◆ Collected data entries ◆
○ ○ ○ ○

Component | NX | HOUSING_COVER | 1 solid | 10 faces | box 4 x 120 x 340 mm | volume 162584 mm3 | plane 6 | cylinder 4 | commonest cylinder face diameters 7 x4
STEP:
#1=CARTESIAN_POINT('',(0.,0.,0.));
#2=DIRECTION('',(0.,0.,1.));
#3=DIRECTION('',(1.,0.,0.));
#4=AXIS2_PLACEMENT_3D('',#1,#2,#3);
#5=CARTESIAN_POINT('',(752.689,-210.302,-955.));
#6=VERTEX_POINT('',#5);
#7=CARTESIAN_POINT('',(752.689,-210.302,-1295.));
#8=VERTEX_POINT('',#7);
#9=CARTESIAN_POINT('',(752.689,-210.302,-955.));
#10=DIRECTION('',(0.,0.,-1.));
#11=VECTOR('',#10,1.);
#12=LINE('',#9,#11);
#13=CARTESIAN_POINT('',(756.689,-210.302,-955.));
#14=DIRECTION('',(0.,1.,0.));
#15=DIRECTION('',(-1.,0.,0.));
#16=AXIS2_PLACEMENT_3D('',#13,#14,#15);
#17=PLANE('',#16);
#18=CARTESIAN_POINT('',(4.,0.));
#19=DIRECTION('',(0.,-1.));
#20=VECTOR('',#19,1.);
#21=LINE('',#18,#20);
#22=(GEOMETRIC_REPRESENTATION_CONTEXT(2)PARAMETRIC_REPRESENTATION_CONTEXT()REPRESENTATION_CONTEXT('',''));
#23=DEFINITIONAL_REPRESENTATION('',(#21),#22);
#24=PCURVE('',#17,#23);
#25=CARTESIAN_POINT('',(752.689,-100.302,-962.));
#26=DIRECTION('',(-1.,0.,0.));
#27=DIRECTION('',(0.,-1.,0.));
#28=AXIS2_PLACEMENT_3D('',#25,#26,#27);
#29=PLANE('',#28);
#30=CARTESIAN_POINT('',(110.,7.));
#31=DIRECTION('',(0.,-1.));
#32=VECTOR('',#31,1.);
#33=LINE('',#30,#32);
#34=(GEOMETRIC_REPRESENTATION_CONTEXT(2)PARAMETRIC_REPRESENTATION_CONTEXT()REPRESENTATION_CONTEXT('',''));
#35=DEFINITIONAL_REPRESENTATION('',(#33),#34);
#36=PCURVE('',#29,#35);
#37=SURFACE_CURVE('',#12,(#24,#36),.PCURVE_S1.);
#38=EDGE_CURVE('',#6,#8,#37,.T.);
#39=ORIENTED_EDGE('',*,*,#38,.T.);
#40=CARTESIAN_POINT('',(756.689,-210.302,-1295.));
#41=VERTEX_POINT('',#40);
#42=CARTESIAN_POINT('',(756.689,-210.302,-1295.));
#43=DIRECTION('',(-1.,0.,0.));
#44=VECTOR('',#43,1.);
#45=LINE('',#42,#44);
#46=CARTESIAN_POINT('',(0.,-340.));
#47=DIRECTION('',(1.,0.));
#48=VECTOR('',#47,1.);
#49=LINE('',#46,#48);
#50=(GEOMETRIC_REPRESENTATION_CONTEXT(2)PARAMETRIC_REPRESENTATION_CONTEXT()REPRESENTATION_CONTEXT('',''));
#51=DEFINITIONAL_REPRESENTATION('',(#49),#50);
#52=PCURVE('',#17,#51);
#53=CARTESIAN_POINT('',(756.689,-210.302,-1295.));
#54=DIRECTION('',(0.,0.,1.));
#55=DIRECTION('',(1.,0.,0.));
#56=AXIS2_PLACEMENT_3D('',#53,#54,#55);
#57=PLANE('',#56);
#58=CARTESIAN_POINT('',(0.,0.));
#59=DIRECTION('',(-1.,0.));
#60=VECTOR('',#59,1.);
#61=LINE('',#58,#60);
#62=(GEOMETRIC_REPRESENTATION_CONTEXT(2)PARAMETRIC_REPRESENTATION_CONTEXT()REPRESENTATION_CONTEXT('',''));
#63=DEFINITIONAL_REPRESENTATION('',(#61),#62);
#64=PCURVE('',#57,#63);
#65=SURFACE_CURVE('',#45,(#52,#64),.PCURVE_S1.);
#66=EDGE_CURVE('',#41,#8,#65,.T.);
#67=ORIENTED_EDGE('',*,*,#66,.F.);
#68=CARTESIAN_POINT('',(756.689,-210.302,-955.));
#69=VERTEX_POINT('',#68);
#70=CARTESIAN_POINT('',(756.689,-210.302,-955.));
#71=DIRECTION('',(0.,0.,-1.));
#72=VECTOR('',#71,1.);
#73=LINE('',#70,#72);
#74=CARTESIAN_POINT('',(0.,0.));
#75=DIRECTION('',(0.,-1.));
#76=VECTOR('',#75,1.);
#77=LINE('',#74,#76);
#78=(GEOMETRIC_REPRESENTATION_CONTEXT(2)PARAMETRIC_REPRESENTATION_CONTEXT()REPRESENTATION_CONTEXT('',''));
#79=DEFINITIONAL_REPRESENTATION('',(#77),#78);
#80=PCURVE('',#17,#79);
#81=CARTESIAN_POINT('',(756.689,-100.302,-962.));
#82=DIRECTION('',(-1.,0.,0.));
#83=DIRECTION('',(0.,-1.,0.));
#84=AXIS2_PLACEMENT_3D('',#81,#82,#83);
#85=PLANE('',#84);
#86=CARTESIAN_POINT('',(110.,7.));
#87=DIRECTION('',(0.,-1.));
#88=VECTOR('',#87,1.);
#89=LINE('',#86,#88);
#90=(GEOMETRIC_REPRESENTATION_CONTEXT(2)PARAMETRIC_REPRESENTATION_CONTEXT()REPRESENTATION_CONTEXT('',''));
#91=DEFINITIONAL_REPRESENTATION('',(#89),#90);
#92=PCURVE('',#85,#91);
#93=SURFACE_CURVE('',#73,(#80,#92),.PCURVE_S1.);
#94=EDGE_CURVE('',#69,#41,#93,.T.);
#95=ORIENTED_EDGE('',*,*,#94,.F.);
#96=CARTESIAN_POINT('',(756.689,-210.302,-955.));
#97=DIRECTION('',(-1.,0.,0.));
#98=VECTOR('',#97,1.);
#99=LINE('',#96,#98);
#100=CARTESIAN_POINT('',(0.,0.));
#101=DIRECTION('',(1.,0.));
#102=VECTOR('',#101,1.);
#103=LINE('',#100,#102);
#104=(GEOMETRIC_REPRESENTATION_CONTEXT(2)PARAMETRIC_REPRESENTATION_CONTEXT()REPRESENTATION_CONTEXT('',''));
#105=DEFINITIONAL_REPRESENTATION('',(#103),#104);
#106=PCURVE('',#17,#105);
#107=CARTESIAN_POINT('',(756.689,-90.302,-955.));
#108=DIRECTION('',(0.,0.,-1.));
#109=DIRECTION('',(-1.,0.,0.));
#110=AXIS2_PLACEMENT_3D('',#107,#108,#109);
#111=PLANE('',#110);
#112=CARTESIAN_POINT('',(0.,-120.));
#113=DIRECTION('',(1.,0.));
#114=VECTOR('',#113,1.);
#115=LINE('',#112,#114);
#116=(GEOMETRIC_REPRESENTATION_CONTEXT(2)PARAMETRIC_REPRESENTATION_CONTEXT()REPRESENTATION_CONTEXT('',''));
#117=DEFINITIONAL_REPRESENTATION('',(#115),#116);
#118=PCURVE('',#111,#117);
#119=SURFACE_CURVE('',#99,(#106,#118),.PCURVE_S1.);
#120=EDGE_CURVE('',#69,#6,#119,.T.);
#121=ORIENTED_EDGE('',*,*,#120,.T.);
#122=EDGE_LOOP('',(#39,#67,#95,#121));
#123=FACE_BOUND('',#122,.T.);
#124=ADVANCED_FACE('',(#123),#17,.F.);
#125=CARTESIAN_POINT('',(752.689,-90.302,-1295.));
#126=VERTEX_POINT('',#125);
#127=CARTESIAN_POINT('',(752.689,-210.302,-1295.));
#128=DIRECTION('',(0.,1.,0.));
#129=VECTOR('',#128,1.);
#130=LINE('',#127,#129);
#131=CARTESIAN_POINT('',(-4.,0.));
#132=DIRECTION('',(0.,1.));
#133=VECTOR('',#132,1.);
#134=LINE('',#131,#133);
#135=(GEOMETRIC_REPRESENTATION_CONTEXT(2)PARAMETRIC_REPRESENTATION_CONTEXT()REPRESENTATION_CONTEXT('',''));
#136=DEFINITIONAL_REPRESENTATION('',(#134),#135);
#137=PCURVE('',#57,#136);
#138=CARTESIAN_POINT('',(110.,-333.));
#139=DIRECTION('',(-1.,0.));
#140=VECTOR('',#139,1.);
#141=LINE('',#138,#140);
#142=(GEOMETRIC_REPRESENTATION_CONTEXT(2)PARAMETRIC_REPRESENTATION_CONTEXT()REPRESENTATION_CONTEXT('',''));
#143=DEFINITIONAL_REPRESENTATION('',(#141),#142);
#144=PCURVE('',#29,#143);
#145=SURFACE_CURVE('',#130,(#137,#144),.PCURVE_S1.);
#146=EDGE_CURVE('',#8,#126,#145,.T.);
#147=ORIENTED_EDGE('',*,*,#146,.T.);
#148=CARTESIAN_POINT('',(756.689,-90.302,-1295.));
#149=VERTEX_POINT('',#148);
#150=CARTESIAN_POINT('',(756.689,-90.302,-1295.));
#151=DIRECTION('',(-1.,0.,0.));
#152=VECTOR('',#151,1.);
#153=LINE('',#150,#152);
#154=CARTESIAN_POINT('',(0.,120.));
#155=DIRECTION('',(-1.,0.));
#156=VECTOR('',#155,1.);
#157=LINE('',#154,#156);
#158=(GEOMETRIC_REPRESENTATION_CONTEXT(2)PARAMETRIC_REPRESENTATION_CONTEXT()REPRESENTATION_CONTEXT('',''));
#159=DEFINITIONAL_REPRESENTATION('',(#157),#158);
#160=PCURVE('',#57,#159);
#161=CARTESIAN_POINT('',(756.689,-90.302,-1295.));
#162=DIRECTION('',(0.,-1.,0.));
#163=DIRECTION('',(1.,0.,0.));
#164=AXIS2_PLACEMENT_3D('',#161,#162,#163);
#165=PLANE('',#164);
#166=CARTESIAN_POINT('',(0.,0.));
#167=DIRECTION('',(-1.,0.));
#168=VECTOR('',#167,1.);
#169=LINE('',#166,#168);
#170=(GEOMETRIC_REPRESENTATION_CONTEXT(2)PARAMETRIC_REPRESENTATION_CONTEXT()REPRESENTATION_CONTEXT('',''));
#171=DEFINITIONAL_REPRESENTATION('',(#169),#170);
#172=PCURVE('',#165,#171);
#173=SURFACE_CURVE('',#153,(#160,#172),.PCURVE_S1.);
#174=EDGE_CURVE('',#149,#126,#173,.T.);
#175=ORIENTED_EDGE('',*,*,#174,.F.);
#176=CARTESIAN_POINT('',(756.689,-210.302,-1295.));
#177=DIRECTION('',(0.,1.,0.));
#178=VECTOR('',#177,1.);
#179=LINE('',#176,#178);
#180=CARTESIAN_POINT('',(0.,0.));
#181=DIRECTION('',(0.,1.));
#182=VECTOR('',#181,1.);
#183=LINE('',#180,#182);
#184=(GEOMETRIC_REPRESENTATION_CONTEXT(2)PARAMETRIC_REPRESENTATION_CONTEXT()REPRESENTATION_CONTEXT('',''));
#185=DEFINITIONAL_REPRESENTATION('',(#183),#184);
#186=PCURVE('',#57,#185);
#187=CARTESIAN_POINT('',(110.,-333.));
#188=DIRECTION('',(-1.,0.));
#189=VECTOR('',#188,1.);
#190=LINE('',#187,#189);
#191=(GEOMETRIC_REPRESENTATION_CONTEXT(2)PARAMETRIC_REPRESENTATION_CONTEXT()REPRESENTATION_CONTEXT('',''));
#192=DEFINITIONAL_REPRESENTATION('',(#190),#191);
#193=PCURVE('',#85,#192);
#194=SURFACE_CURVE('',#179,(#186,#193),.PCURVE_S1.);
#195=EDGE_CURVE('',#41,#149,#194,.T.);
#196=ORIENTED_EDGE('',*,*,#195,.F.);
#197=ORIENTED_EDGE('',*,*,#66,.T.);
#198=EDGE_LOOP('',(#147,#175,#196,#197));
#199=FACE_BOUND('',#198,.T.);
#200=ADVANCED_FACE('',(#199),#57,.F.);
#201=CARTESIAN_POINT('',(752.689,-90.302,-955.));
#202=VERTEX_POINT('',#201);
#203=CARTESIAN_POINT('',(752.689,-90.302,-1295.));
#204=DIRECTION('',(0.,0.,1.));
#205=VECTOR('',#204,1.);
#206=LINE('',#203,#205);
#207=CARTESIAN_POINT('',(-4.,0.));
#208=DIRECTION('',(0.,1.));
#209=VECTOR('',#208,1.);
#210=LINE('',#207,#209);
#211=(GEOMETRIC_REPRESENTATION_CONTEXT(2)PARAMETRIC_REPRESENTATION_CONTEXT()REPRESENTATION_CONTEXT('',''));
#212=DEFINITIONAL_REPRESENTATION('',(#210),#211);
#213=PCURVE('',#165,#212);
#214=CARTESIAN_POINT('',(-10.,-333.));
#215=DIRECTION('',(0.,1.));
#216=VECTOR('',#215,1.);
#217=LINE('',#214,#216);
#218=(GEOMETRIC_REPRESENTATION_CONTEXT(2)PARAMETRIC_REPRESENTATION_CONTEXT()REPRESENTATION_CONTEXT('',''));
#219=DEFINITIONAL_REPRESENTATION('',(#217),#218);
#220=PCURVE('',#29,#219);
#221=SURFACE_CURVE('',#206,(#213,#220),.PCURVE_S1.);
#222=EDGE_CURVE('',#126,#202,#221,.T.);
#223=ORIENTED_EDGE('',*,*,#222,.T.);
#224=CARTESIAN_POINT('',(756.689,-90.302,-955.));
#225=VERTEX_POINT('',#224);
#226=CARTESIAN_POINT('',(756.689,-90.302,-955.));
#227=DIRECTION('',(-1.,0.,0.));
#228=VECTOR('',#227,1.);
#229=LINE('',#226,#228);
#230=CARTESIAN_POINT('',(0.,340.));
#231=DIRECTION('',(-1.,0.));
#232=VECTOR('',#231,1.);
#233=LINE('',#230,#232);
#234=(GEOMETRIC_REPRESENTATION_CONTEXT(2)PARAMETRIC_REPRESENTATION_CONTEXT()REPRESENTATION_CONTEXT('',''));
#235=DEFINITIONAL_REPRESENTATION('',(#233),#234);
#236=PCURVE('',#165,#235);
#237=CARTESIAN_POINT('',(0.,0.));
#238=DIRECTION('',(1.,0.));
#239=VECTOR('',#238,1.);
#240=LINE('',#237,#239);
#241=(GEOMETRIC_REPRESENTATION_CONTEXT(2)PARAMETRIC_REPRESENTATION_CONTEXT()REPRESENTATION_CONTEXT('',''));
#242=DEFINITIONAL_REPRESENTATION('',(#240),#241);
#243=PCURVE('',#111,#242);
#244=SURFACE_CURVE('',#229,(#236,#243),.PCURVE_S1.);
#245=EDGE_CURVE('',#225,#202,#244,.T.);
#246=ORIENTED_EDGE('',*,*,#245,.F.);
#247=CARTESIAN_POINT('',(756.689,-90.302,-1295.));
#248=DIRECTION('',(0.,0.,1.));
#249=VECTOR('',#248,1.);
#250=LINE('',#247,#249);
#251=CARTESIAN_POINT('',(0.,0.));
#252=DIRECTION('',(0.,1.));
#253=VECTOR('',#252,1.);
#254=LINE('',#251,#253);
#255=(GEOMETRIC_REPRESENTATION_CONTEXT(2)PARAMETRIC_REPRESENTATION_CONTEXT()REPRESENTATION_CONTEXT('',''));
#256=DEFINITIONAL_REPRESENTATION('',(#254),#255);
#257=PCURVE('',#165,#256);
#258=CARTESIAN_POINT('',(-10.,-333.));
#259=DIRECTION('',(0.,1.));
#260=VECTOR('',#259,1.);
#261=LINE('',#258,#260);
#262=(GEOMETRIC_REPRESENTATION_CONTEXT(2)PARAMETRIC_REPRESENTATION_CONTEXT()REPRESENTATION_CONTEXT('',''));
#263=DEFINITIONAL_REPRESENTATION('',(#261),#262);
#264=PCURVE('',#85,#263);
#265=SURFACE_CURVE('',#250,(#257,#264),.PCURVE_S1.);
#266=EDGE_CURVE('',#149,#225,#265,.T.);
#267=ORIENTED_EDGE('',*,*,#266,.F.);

○ ○ ○ ○

◆ Task item ◆
Quote the records above exactly, from the first line through the line containing "#13=CARTESIAN_POINT('',(756.689,-210.302,-955.));", and nothing more.

◆ Output of the exercise ◆
Component | NX | HOUSING_COVER | 1 solid | 10 faces | box 4 x 120 x 340 mm | volume 162584 mm3 | plane 6 | cylinder 4 | commonest cylinder face diameters 7 x4
STEP:
#1=CARTESIAN_POINT('',(0.,0.,0.));
#2=DIRECTION('',(0.,0.,1.));
#3=DIRECTION('',(1.,0.,0.));
#4=AXIS2_PLACEMENT_3D('',#1,#2,#3);
#5=CARTESIAN_POINT('',(752.689,-210.302,-955.));
#6=VERTEX_POINT('',#5);
#7=CARTESIAN_POINT('',(752.689,-210.302,-1295.));
#8=VERTEX_POINT('',#7);
#9=CARTESIAN_POINT('',(752.689,-210.302,-955.));
#10=DIRECTION('',(0.,0.,-1.));
#11=VECTOR('',#10,1.);
#12=LINE('',#9,#11);
#13=CARTESIAN_POINT('',(756.689,-210.302,-955.));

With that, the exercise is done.